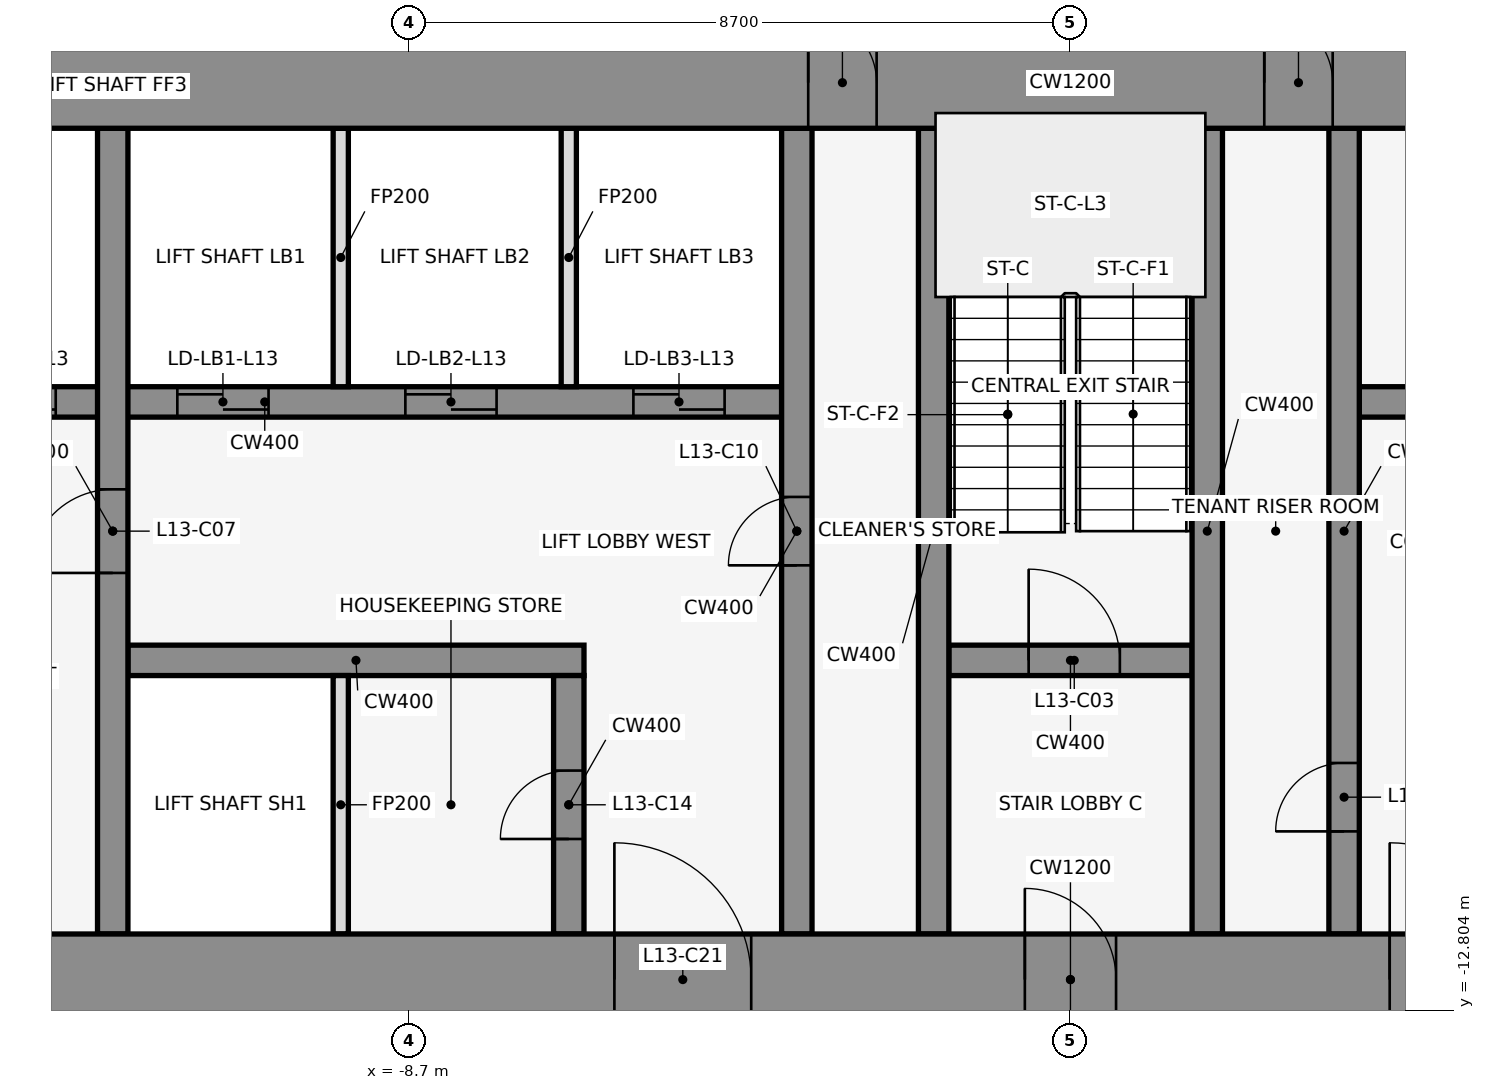
"""IFC4 building model, lengths in metres.
Left out: names, types, materials, properties, quantities, classifications, styles, units other than length and angle.
Written with IfcOpenShell. Run it as: python <this file> out.ifc"""

import sys

from ifc_helpers import new_model, si_unit, direction, frame, frame_2d, origin, place, context, subcontext, project, spatial, rectangle, extrude, element, fill, save


model = new_model("IFC4")
c1 = context("Model", 3, precision=1e-05, world=origin(), true_north=direction((0.0, 1.0)))
c2 = subcontext(c1, "Body", "Model", "MODEL_VIEW")
j1 = project(units=[si_unit("LENGTHUNIT", "METRE"), si_unit("PLANEANGLEUNIT", "RADIAN")], contexts=[c1])
p1 = place(None, origin())
s1 = spatial("IfcSite", under=j1, at=p1, CompositionType="ELEMENT")
p2 = place(p1, origin())
s2 = spatial("IfcBuilding", under=s1, at=p2, CompositionType="ELEMENT")
p3 = place(p2, frame((0.0, 0.0, 66.5)))
s3 = spatial("IfcBuildingStorey", under=s2, at=p3, CompositionType="ELEMENT", Elevation=66.5)
for number, where, z_axis, x_axis in (
    (1, (1.901, 1.08, 0.0), (0.0, 0.0, 1.0), (-0.84, -0.543, 0.0)),
    (2, (-0.068, -0.105, 0.0), (0.0, 0.0, 1.0), (-0.84, 0.543, 0.0)),
):
    element("IfcWall", number, at=place(p3, frame(where, z_axis=z_axis, x_axis=x_axis)), inside=s3, PredefinedType="STANDARD", context=c2, shape_type="SweptSolid", body=[
        extrude(rectangle(XDim=2.183, YDim=0.25, at=frame_2d((1.091, 0.0))), origin(), (0.0, 0.0, 1.0), 4.35),
    ])
p4 = place(p3, frame((-12.4, -8.2, 0.0), z_axis=(0.0, 0.0, 1.0), x_axis=(1.0, 0.0, 0.0)))
e3 = element("IfcWall", 3, at=p4, inside=s3, PredefinedType="SHEAR", context=c2, shape_type="SweptSolid", body=[
    extrude(rectangle(XDim=6.0, YDim=0.4, at=frame_2d((3.0, 0.0))), origin(), (0.0, 0.0, 1.0), 4.5),
])
p5 = place(p3, frame((-1.6, -8.2, 0.0), z_axis=(0.0, 0.0, 1.0), x_axis=(1.0, 0.0, 0.0)))
e4 = element("IfcWall", 4, at=p5, inside=s3, PredefinedType="SHEAR", context=c2, shape_type="SweptSolid", body=[
    extrude(rectangle(XDim=3.2, YDim=0.4, at=frame_2d((1.6, 0.0))), origin(), (0.0, 0.0, 1.0), 4.5),
])
p6 = place(p5, frame((1.05, 0.0, 0.0)))
e5 = element("IfcOpeningElement", 5, at=p6, cuts=e4, PredefinedType="OPENING", context=c2, shape_type="SweptSolid", body=[
    extrude(rectangle(XDim=1.2, YDim=2.1, at=frame_2d((0.6, 1.05))), frame((0.0, 0.212, 0.0), z_axis=(0.0, -1.0, 0.0), x_axis=(1.0, 0.0, 0.0)), (0.0, 0.0, 1.0), 0.424),
])
p7 = place(p3, frame((-17.4, -4.8, 0.0), z_axis=(0.0, 0.0, 1.0), x_axis=(1.0, 0.0, 0.0)))
e6 = element("IfcWall", 6, at=p7, inside=s3, PredefinedType="SHEAR", context=c2, shape_type="SweptSolid", body=[
    extrude(rectangle(XDim=13.6, YDim=0.4, at=frame_2d((6.8, 0.0))), origin(), (0.0, 0.0, 1.0), 4.5),
])
p8 = place(p7, frame((0.65, 0.0, 0.0)))
e7 = element("IfcOpeningElement", 7, at=p8, cuts=e6, PredefinedType="OPENING", context=c2, shape_type="SweptSolid", body=[
    extrude(rectangle(XDim=1.1, YDim=2.1, at=frame_2d((0.55, 1.05))), frame((0.0, 0.212, 0.0), z_axis=(0.0, -1.0, 0.0), x_axis=(1.0, 0.0, 0.0)), (0.0, 0.0, 1.0), 0.424),
])
p9 = place(p7, frame((2.95, 0.0, 0.0)))
e8 = element("IfcOpeningElement", 8, at=p9, cuts=e6, PredefinedType="OPENING", context=c2, shape_type="SweptSolid", body=[
    extrude(rectangle(XDim=1.1, YDim=2.1, at=frame_2d((0.55, 1.05))), frame((0.0, 0.212, 0.0), z_axis=(0.0, -1.0, 0.0), x_axis=(1.0, 0.0, 0.0)), (0.0, 0.0, 1.0), 0.424),
])
p10 = place(p7, frame((5.65, 0.0, 0.0)))
e9 = element("IfcOpeningElement", 9, at=p10, cuts=e6, PredefinedType="OPENING", context=c2, shape_type="SweptSolid", body=[
    extrude(rectangle(XDim=1.2, YDim=2.1, at=frame_2d((0.6, 1.05))), frame((0.0, 0.212, 0.0), z_axis=(0.0, -1.0, 0.0), x_axis=(1.0, 0.0, 0.0)), (0.0, 0.0, 1.0), 0.424),
])
p11 = place(p7, frame((8.65, 0.0, 0.0)))
e10 = element("IfcOpeningElement", 10, at=p11, cuts=e6, PredefinedType="OPENING", context=c2, shape_type="SweptSolid", body=[
    extrude(rectangle(XDim=1.2, YDim=2.1, at=frame_2d((0.6, 1.05))), frame((0.0, 0.212, 0.0), z_axis=(0.0, -1.0, 0.0), x_axis=(1.0, 0.0, 0.0)), (0.0, 0.0, 1.0), 0.424),
])
p12 = place(p7, frame((11.65, 0.0, 0.0)))
e11 = element("IfcOpeningElement", 11, at=p12, cuts=e6, PredefinedType="OPENING", context=c2, shape_type="SweptSolid", body=[
    extrude(rectangle(XDim=1.2, YDim=2.1, at=frame_2d((0.6, 1.05))), frame((0.0, 0.212, 0.0), z_axis=(0.0, -1.0, 0.0), x_axis=(1.0, 0.0, 0.0)), (0.0, 0.0, 1.0), 0.424),
])
p13 = place(p3, frame((3.8, -4.8, 0.0), z_axis=(0.0, 0.0, 1.0), x_axis=(1.0, 0.0, 0.0)))
e12 = element("IfcWall", 12, at=p13, inside=s3, PredefinedType="SHEAR", context=c2, shape_type="SweptSolid", body=[
    extrude(rectangle(XDim=13.6, YDim=0.4, at=frame_2d((6.8, 0.0))), origin(), (0.0, 0.0, 1.0), 4.5),
])
p14 = place(p13, frame((9.45, 0.0, 0.0)))
e13 = element("IfcOpeningElement", 13, at=p14, cuts=e12, PredefinedType="OPENING", context=c2, shape_type="SweptSolid", body=[
    extrude(rectangle(XDim=1.1, YDim=2.1, at=frame_2d((0.55, 1.05))), frame((0.0, 0.212, 0.0), z_axis=(0.0, -1.0, 0.0), x_axis=(1.0, 0.0, 0.0)), (0.0, 0.0, 1.0), 0.424),
])
p15 = place(p13, frame((11.85, 0.0, 0.0)))
e14 = element("IfcOpeningElement", 14, at=p15, cuts=e12, PredefinedType="OPENING", context=c2, shape_type="SweptSolid", body=[
    extrude(rectangle(XDim=1.1, YDim=2.1, at=frame_2d((0.55, 1.05))), frame((0.0, 0.212, 0.0), z_axis=(0.0, -1.0, 0.0), x_axis=(1.0, 0.0, 0.0)), (0.0, 0.0, 1.0), 0.424),
])
p16 = place(p13, frame((2.45, 0.0, 0.0)))
e15 = element("IfcOpeningElement", 15, at=p16, cuts=e12, PredefinedType="OPENING", context=c2, shape_type="SweptSolid", body=[
    extrude(rectangle(XDim=0.9, YDim=2.1, at=frame_2d((0.45, 1.05))), frame((0.0, 0.212, 0.0), z_axis=(0.0, -1.0, 0.0), x_axis=(1.0, 0.0, 0.0)), (0.0, 0.0, 1.0), 0.424),
])
p17 = place(p13, frame((6.85, 0.0, 0.0)))
e16 = element("IfcOpeningElement", 16, at=p17, cuts=e12, PredefinedType="OPENING", context=c2, shape_type="SweptSolid", body=[
    extrude(rectangle(XDim=0.9, YDim=2.1, at=frame_2d((0.45, 1.05))), frame((0.0, 0.212, 0.0), z_axis=(0.0, -1.0, 0.0), x_axis=(1.0, 0.0, 0.0)), (0.0, 0.0, 1.0), 0.424),
])
p18 = place(p3, frame((-12.6, -11.8, 0.0), z_axis=(0.0, 0.0, 1.0), x_axis=(0.0, 1.0, 0.0)))
e17 = element("IfcWall", 17, at=p18, inside=s3, PredefinedType="SHEAR", context=c2, shape_type="SweptSolid", body=[
    extrude(rectangle(XDim=10.6, YDim=0.4, at=frame_2d((5.3, 0.0))), origin(), (0.0, 0.0, 1.0), 4.5),
])
p19 = place(p18, frame((4.75, 0.0, 0.0)))
e18 = element("IfcOpeningElement", 18, at=p19, cuts=e17, PredefinedType="OPENING", context=c2, shape_type="SweptSolid", body=[
    extrude(rectangle(XDim=1.1, YDim=2.1, at=frame_2d((0.55, 1.05))), frame((0.0, 0.212, 0.0), z_axis=(0.0, -1.0, 0.0), x_axis=(1.0, 0.0, 0.0)), (0.0, 0.0, 1.0), 0.424),
])
for number, where, z_axis, x_axis in (
    (19, (-9.6, -11.8, 0.0), (0.0, 0.0, 1.0), (0.0, 1.0, 0.0)),
    (20, (-9.6, -4.6, 0.0), (0.0, 0.0, 1.0), (0.0, 1.0, 0.0)),
):
    element("IfcWall", number, at=place(p3, frame(where, z_axis=z_axis, x_axis=x_axis)), inside=s3, PredefinedType="PARTITIONING", context=c2, shape_type="SweptSolid", body=[
        extrude(rectangle(XDim=3.4, YDim=0.2, at=frame_2d((1.7, 0.0))), origin(), (0.0, 0.0, 1.0), 3.418),
    ])
p20 = place(p3, frame((-6.6, -11.8, 0.0), z_axis=(0.0, 0.0, 1.0), x_axis=(0.0, 1.0, 0.0)))
e21 = element("IfcWall", 21, at=p20, inside=s3, PredefinedType="SHEAR", context=c2, shape_type="SweptSolid", body=[
    extrude(rectangle(XDim=3.4, YDim=0.4, at=frame_2d((1.7, 0.0))), origin(), (0.0, 0.0, 1.0), 4.5),
])
p21 = place(p20, frame((1.25, 0.0, 0.0)))
e22 = element("IfcOpeningElement", 22, at=p21, cuts=e21, PredefinedType="OPENING", context=c2, shape_type="SweptSolid", body=[
    extrude(rectangle(XDim=0.9, YDim=2.1, at=frame_2d((0.45, 1.05))), frame((0.0, 0.212, 0.0), z_axis=(0.0, -1.0, 0.0), x_axis=(1.0, 0.0, 0.0)), (0.0, 0.0, 1.0), 0.424),
])
p22 = place(p3, frame((-6.6, -4.6, 0.0), z_axis=(0.0, 0.0, 1.0), x_axis=(0.0, 1.0, 0.0)))
e23 = element("IfcWall", 23, at=p22, inside=s3, PredefinedType="PARTITIONING", context=c2, shape_type="SweptSolid", body=[
    extrude(rectangle(XDim=3.4, YDim=0.2, at=frame_2d((1.7, 0.0))), origin(), (0.0, 0.0, 1.0), 3.418),
])
p23 = place(p3, frame((-3.6, -11.8, 0.0), z_axis=(0.0, 0.0, 1.0), x_axis=(0.0, 1.0, 0.0)))
e24 = element("IfcWall", 24, at=p23, inside=s3, PredefinedType="SHEAR", context=c2, shape_type="SweptSolid", body=[
    extrude(rectangle(XDim=10.6, YDim=0.4, at=frame_2d((5.3, 0.0))), origin(), (0.0, 0.0, 1.0), 4.5),
])
p24 = place(p23, frame((4.85, 0.0, 0.0)))
e25 = element("IfcOpeningElement", 25, at=p24, cuts=e24, PredefinedType="OPENING", context=c2, shape_type="SweptSolid", body=[
    extrude(rectangle(XDim=0.9, YDim=2.1, at=frame_2d((0.45, 1.05))), frame((0.0, 0.212, 0.0), z_axis=(0.0, -1.0, 0.0), x_axis=(1.0, 0.0, 0.0)), (0.0, 0.0, 1.0), 0.424),
])
for number, where, z_axis, x_axis in (
    (26, (-1.8, -11.8, 0.0), (0.0, 0.0, 1.0), (0.0, 1.0, 0.0)),
    (27, (1.8, -11.8, 0.0), (0.0, 0.0, 1.0), (0.0, 1.0, 0.0)),
):
    element("IfcWall", number, at=place(p3, frame(where, z_axis=z_axis, x_axis=x_axis)), inside=s3, PredefinedType="SHEAR", context=c2, shape_type="SweptSolid", body=[
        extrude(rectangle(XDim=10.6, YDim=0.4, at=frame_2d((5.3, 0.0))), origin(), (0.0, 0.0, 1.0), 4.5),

....

Tally the lines above in which the string "import" occurs, and give the total with nothing added.

OUTPUT FOR THIS EXERCISE: 2